_Goal of the exercise_: The records below hold a stretch from the line with "#115=VECTOR('',#114,39.37);" through the line with "#154=CARTESIAN_POINT('',(7.012,-7.976,12.017));"; return exactly those lines, ends included, and nothing more.

_Data for analysis_:
------

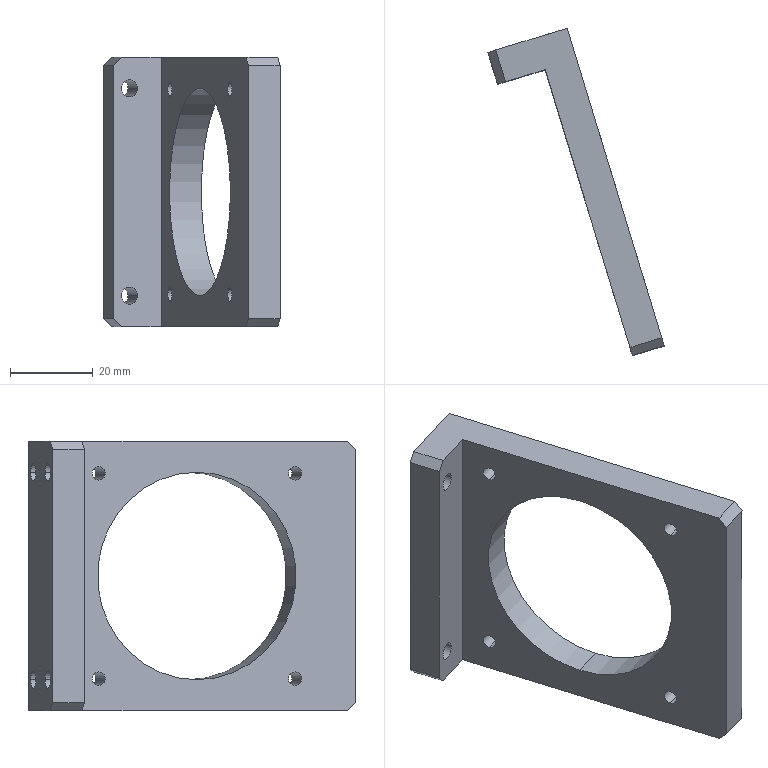Component | SolidWorks | V1ZHXTMotorMountingPlateSB1-1 | 1 solid | 34 faces | box 42.48 x 78.85 x 65 mm | volume 31229 mm3 | cylinder 18 | plane 12 | cone 4 | commonest cylinder face diameters 4.2 x8 3.3 x8 50 x2
STEP:
#1=CARTESIAN_POINT('',(6.593,-7.94,10.049));
#2=VERTEX_POINT('',#1);
#3=CARTESIAN_POINT('',(6.435,-7.988,10.049));
#4=VERTEX_POINT('',#3);
#5=CARTESIAN_POINT('',(6.514,-7.964,10.049));
#6=DIRECTION('',(0.2918,-0.9565,-0.));
#7=DIRECTION('',(-0.9565,-0.2918,-0.));
#8=AXIS2_PLACEMENT_3D('',#5,#6,#7);
#9=CIRCLE('',#8,0.08268);
#10=EDGE_CURVE('',#2,#4,#9,.T.);
#11=ORIENTED_EDGE('',*,*,#10,.T.);
#12=CARTESIAN_POINT('',(6.343,-7.687,10.049));
#13=VERTEX_POINT('',#12);
#14=CARTESIAN_POINT('',(6.343,-7.687,10.049));
#15=DIRECTION('',(-0.2918,0.9565,0.));
#16=VECTOR('',#15,39.37);
#17=LINE('',#14,#16);
#18=EDGE_CURVE('',#4,#13,#17,.T.);
#19=ORIENTED_EDGE('',*,*,#18,.T.);
#20=CARTESIAN_POINT('',(6.502,-7.638,10.049));
#21=VERTEX_POINT('',#20);
#22=CARTESIAN_POINT('',(6.422,-7.662,10.049));
#23=DIRECTION('',(-0.2918,0.9565,0.));
#24=DIRECTION('',(0.9565,0.2918,0.));
#25=AXIS2_PLACEMENT_3D('',#22,#23,#24);
#26=CIRCLE('',#25,0.08268);
#27=EDGE_CURVE('',#13,#21,#26,.T.);
#28=ORIENTED_EDGE('',*,*,#27,.T.);
#29=CARTESIAN_POINT('',(6.502,-7.638,10.049));
#30=DIRECTION('',(-0.2918,0.9565,0.));
#31=VECTOR('',#30,39.37);
#32=LINE('',#29,#31);
#33=EDGE_CURVE('',#2,#21,#32,.T.);
#34=ORIENTED_EDGE('',*,*,#33,.F.);
#35=EDGE_LOOP('',(#11,#19,#28,#34));
#36=FACE_OUTER_BOUND('',#35,.T.);
#37=CARTESIAN_POINT('',(6.422,-7.662,10.049));
#38=DIRECTION('',(-0.2918,0.9565,0.));
#39=DIRECTION('',(0.9565,0.2918,0.));
#40=AXIS2_PLACEMENT_3D('',#37,#38,#39);
#41=CYLINDRICAL_SURFACE('',#40,0.08268);
#42=ADVANCED_FACE('',(#36),#41,.F.);
#43=CARTESIAN_POINT('',(6.593,-7.94,12.017));
#44=VERTEX_POINT('',#43);
#45=CARTESIAN_POINT('',(6.435,-7.988,12.017));
#46=VERTEX_POINT('',#45);
#47=CARTESIAN_POINT('',(6.514,-7.964,12.017));
#48=DIRECTION('',(0.2918,-0.9565,-0.));
#49=DIRECTION('',(-0.9565,-0.2918,-0.));
#50=AXIS2_PLACEMENT_3D('',#47,#48,#49);
#51=CIRCLE('',#50,0.08268);
#52=EDGE_CURVE('',#44,#46,#51,.T.);
#53=ORIENTED_EDGE('',*,*,#52,.T.);
#54=CARTESIAN_POINT('',(6.343,-7.687,12.017));
#55=VERTEX_POINT('',#54);
#56=CARTESIAN_POINT('',(6.343,-7.687,12.017));
#57=DIRECTION('',(-0.2918,0.9565,0.));
#58=VECTOR('',#57,39.37);
#59=LINE('',#56,#58);
#60=EDGE_CURVE('',#46,#55,#59,.T.);
#61=ORIENTED_EDGE('',*,*,#60,.T.);
#62=CARTESIAN_POINT('',(6.502,-7.638,12.017));
#63=VERTEX_POINT('',#62);
#64=CARTESIAN_POINT('',(6.422,-7.662,12.017));
#65=DIRECTION('',(-0.2918,0.9565,0.));
#66=DIRECTION('',(0.9565,0.2918,0.));
#67=AXIS2_PLACEMENT_3D('',#64,#65,#66);
#68=CIRCLE('',#67,0.08268);
#69=EDGE_CURVE('',#55,#63,#68,.T.);
#70=ORIENTED_EDGE('',*,*,#69,.T.);
#71=CARTESIAN_POINT('',(6.502,-7.638,12.017));
#72=DIRECTION('',(-0.2918,0.9565,0.));
#73=VECTOR('',#72,39.37);
#74=LINE('',#71,#73);
#75=EDGE_CURVE('',#44,#63,#74,.T.);
#76=ORIENTED_EDGE('',*,*,#75,.F.);
#77=EDGE_LOOP('',(#53,#61,#70,#76));
#78=FACE_OUTER_BOUND('',#77,.T.);
#79=CARTESIAN_POINT('',(6.422,-7.662,12.017));
#80=DIRECTION('',(-0.2918,0.9565,0.));
#81=DIRECTION('',(0.9565,0.2918,0.));
#82=AXIS2_PLACEMENT_3D('',#79,#80,#81);
#83=CYLINDRICAL_SURFACE('',#82,0.08268);
#84=ADVANCED_FACE('',(#78),#83,.F.);
#85=CARTESIAN_POINT('',(6.933,-8.001,10.049));
#86=VERTEX_POINT('',#85);
#87=CARTESIAN_POINT('',(7.091,-7.952,10.049));
#88=VERTEX_POINT('',#87);
#89=CARTESIAN_POINT('',(7.012,-7.976,10.049));
#90=DIRECTION('',(-0.2918,0.9565,0.));
#91=DIRECTION('',(0.9565,0.2918,0.));
#92=AXIS2_PLACEMENT_3D('',#89,#90,#91);
#93=CIRCLE('',#92,0.08268);
#94=EDGE_CURVE('',#86,#88,#93,.T.);
#95=ORIENTED_EDGE('',*,*,#94,.F.);
#96=CARTESIAN_POINT('',(6.795,-7.549,10.049));
#97=VERTEX_POINT('',#96);
#98=CARTESIAN_POINT('',(6.795,-7.549,10.049));
#99=DIRECTION('',(-0.2918,0.9565,0.));
#100=VECTOR('',#99,39.37);
#101=LINE('',#98,#100);
#102=EDGE_CURVE('',#86,#97,#101,.T.);
#103=ORIENTED_EDGE('',*,*,#102,.T.);
#104=CARTESIAN_POINT('',(6.953,-7.5,10.049));
#105=VERTEX_POINT('',#104);
#106=CARTESIAN_POINT('',(6.874,-7.525,10.049));
#107=DIRECTION('',(-0.2918,0.9565,0.));
#108=DIRECTION('',(0.9565,0.2918,0.));
#109=AXIS2_PLACEMENT_3D('',#106,#107,#108);
#110=CIRCLE('',#109,0.08268);
#111=EDGE_CURVE('',#97,#105,#110,.T.);
#112=ORIENTED_EDGE('',*,*,#111,.T.);
#113=CARTESIAN_POINT('',(6.953,-7.5,10.049));
#114=DIRECTION('',(-0.2918,0.9565,0.));
#115=VECTOR('',#114,39.37);
#116=LINE('',#113,#115);
#117=EDGE_CURVE('',#88,#105,#116,.T.);
#118=ORIENTED_EDGE('',*,*,#117,.F.);
#119=EDGE_LOOP('',(#95,#103,#112,#118));
#120=FACE_OUTER_BOUND('',#119,.T.);
#121=CARTESIAN_POINT('',(6.874,-7.525,10.049));
#122=DIRECTION('',(-0.2918,0.9565,0.));
#123=DIRECTION('',(0.9565,0.2918,0.));
#124=AXIS2_PLACEMENT_3D('',#121,#122,#123);
#125=CYLINDRICAL_SURFACE('',#124,0.08268);
#126=ADVANCED_FACE('',(#120),#125,.F.);
#127=CARTESIAN_POINT('',(7.027,-8.024,10.049));
#128=VERTEX_POINT('',#127);
#129=CARTESIAN_POINT('',(7.091,-7.952,10.049));
#130=DIRECTION('',(0.6696,0.7428,0.));
#131=VECTOR('',#130,39.37);
#132=LINE('',#129,#131);
#133=EDGE_CURVE('',#128,#88,#132,.T.);
#134=ORIENTED_EDGE('',*,*,#133,.F.);
#135=CARTESIAN_POINT('',(6.933,-8.001,10.049));
#136=DIRECTION('',(-0.9702,0.2425,0.));
#137=VECTOR('',#136,39.37);
#138=LINE('',#135,#137);
#139=EDGE_CURVE('',#128,#86,#138,.T.);
#140=ORIENTED_EDGE('',*,*,#139,.T.);
#141=ORIENTED_EDGE('',*,*,#94,.T.);
#142=EDGE_LOOP('',(#134,#140,#141));
#143=FACE_OUTER_BOUND('',#142,.T.);
#144=CARTESIAN_POINT('',(7.012,-7.976,10.049));
#145=DIRECTION('',(-0.2918,0.9565,0.));
#146=DIRECTION('',(0.9565,0.2918,0.));
#147=AXIS2_PLACEMENT_3D('',#144,#145,#146);
#148=CONICAL_SURFACE('',#147,0.08268,1.03);
#149=ADVANCED_FACE('',(#143),#148,.F.);
#150=CARTESIAN_POINT('',(6.933,-8.001,12.017));
#151=VERTEX_POINT('',#150);
#152=CARTESIAN_POINT('',(7.091,-7.952,12.017));
#153=VERTEX_POINT('',#152);
#154=CARTESIAN_POINT('',(7.012,-7.976,12.017));
#155=DIRECTION('',(-0.2918,0.9565,0.));
#156=DIRECTION('',(0.9565,0.2918,0.));
#157=AXIS2_PLACEMENT_3D('',#154,#155,#156);
#158=CIRCLE('',#157,0.08268);
#159=EDGE_CURVE('',#151,#153,#158,.T.);
#160=ORIENTED_EDGE('',*,*,#159,.F.);
#161=CARTESIAN_POINT('',(6.795,-7.549,12.017));
#162=VERTEX_POINT('',#161);
#163=CARTESIAN_POINT('',(6.795,-7.549,12.017));
#164=DIRECTION('',(-0.2918,0.9565,0.));
#165=VECTOR('',#164,39.37);
#166=LINE('',#163,#165);
#167=EDGE_CURVE('',#151,#162,#166,.T.);
#168=ORIENTED_EDGE('',*,*,#167,.T.);
#169=CARTESIAN_POINT('',(6.953,-7.5,12.017));
#170=VERTEX_POINT('',#169);
#171=CARTESIAN_POINT('',(6.874,-7.525,12.017));
#172=DIRECTION('',(-0.2918,0.9565,0.));
#173=DIRECTION('',(0.9565,0.2918,0.));
#174=AXIS2_PLACEMENT_3D('',#171,#172,#173);
#175=CIRCLE('',#174,0.08268);
#176=EDGE_CURVE('',#162,#170,#175,.T.);
#177=ORIENTED_EDGE('',*,*,#176,.T.);
#178=CARTESIAN_POINT('',(6.953,-7.5,12.017));
#179=DIRECTION('',(-0.2918,0.9565,0.));
#180=VECTOR('',#179,39.37);
#181=LINE('',#178,#180);
#182=EDGE_CURVE('',#153,#170,#181,.T.);
#183=ORIENTED_EDGE('',*,*,#182,.F.);
#184=EDGE_LOOP('',(#160,#168,#177,#183));
#185=FACE_OUTER_BOUND('',#184,.T.);
#186=CARTESIAN_POINT('',(6.874,-7.525,12.017));
#187=DIRECTION('',(-0.2918,0.9565,0.));
#188=DIRECTION('',(0.9565,0.2918,0.));
#189=AXIS2_PLACEMENT_3D('',#186,#187,#188);
#190=CYLINDRICAL_SURFACE('',#189,0.08268);
#191=ADVANCED_FACE('',(#185),#190,.F.);
#192=CARTESIAN_POINT('',(7.027,-8.024,12.017));
#193=VERTEX_POINT('',#192);
#194=CARTESIAN_POINT('',(7.091,-7.952,12.017));
#195=DIRECTION('',(0.6696,0.7428,0.));
#196=VECTOR('',#195,39.37);
#197=LINE('',#194,#196);
#198=EDGE_CURVE('',#193,#153,#197,.T.);
#199=ORIENTED_EDGE('',*,*,#198,.F.);
#200=CARTESIAN_POINT('',(6.933,-8.001,12.017));
#201=DIRECTION('',(-0.9702,0.2425,0.));
#202=VECTOR('',#201,39.37);
#203=LINE('',#200,#202);
#204=EDGE_CURVE('',#193,#151,#203,.T.);
#205=ORIENTED_EDGE('',*,*,#204,.T.);
#206=ORIENTED_EDGE('',*,*,#159,.T.);
#207=EDGE_LOOP('',(#199,#205,#206));
#208=FACE_OUTER_BOUND('',#207,.T.);
#209=CARTESIAN_POINT('',(7.012,-7.976,12.017));
#210=DIRECTION('',(-0.2918,0.9565,0.));
#211=DIRECTION('',(0.9565,0.2918,0.));
#212=AXIS2_PLACEMENT_3D('',#209,#210,#211);
#213=CONICAL_SURFACE('',#212,0.08268,1.03);
#214=ADVANCED_FACE('',(#208),#213,.F.);
#215=CARTESIAN_POINT('',(7.2,-8.053,10.124));
#216=VERTEX_POINT('',#215);
#217=CARTESIAN_POINT('',(7.2,-8.053,9.994));
#218=VERTEX_POINT('',#217);
#219=CARTESIAN_POINT('',(7.2,-8.053,10.059));
#220=DIRECTION('',(-0.9565,-0.2918,-0.));
#221=DIRECTION('',(0.,0.,-1.));
#222=AXIS2_PLACEMENT_3D('',#219,#220,#221);
#223=CIRCLE('',#222,0.06496);
#224=EDGE_CURVE('',#216,#218,#223,.T.);
#225=ORIENTED_EDGE('',*,*,#224,.F.);
#226=CARTESIAN_POINT('',(6.899,-8.145,10.124));
#227=VERTEX_POINT('',#226);
#228=CARTESIAN_POINT('',(6.899,-8.145,10.124));
#229=DIRECTION('',(-0.9565,-0.2918,-0.));
#230=VECTOR('',#229,39.37);
#231=LINE('',#228,#230);
#232=EDGE_CURVE('',#216,#227,#231,.T.);
#233=ORIENTED_EDGE('',*,*,#232,.T.);
#234=CARTESIAN_POINT('',(6.899,-8.145,9.994));
#235=VERTEX_POINT('',#234);
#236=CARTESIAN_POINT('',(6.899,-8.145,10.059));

------

_Task response_:
#115=VECTOR('',#114,39.37);
#116=LINE('',#113,#115);
#117=EDGE_CURVE('',#88,#105,#116,.T.);
#118=ORIENTED_EDGE('',*,*,#117,.F.);
#119=EDGE_LOOP('',(#95,#103,#112,#118));
#120=FACE_OUTER_BOUND('',#119,.T.);
#121=CARTESIAN_POINT('',(6.874,-7.525,10.049));
#122=DIRECTION('',(-0.2918,0.9565,0.));
#123=DIRECTION('',(0.9565,0.2918,0.));
#124=AXIS2_PLACEMENT_3D('',#121,#122,#123);
#125=CYLINDRICAL_SURFACE('',#124,0.08268);
#126=ADVANCED_FACE('',(#120),#125,.F.);
#127=CARTESIAN_POINT('',(7.027,-8.024,10.049));
#128=VERTEX_POINT('',#127);
#129=CARTESIAN_POINT('',(7.091,-7.952,10.049));
#130=DIRECTION('',(0.6696,0.7428,0.));
#131=VECTOR('',#130,39.37);
#132=LINE('',#129,#131);
#133=EDGE_CURVE('',#128,#88,#132,.T.);
#134=ORIENTED_EDGE('',*,*,#133,.F.);
#135=CARTESIAN_POINT('',(6.933,-8.001,10.049));
#136=DIRECTION('',(-0.9702,0.2425,0.));
#137=VECTOR('',#136,39.37);
#138=LINE('',#135,#137);
#139=EDGE_CURVE('',#128,#86,#138,.T.);
#140=ORIENTED_EDGE('',*,*,#139,.T.);
#141=ORIENTED_EDGE('',*,*,#94,.T.);
#142=EDGE_LOOP('',(#134,#140,#141));
#143=FACE_OUTER_BOUND('',#142,.T.);
#144=CARTESIAN_POINT('',(7.012,-7.976,10.049));
#145=DIRECTION('',(-0.2918,0.9565,0.));
#146=DIRECTION('',(0.9565,0.2918,0.));
#147=AXIS2_PLACEMENT_3D('',#144,#145,#146);
#148=CONICAL_SURFACE('',#147,0.08268,1.03);
#149=ADVANCED_FACE('',(#143),#148,.F.);
#150=CARTESIAN_POINT('',(6.933,-8.001,12.017));
#151=VERTEX_POINT('',#150);
#152=CARTESIAN_POINT('',(7.091,-7.952,12.017));
#153=VERTEX_POINT('',#152);
#154=CARTESIAN_POINT('',(7.012,-7.976,12.017));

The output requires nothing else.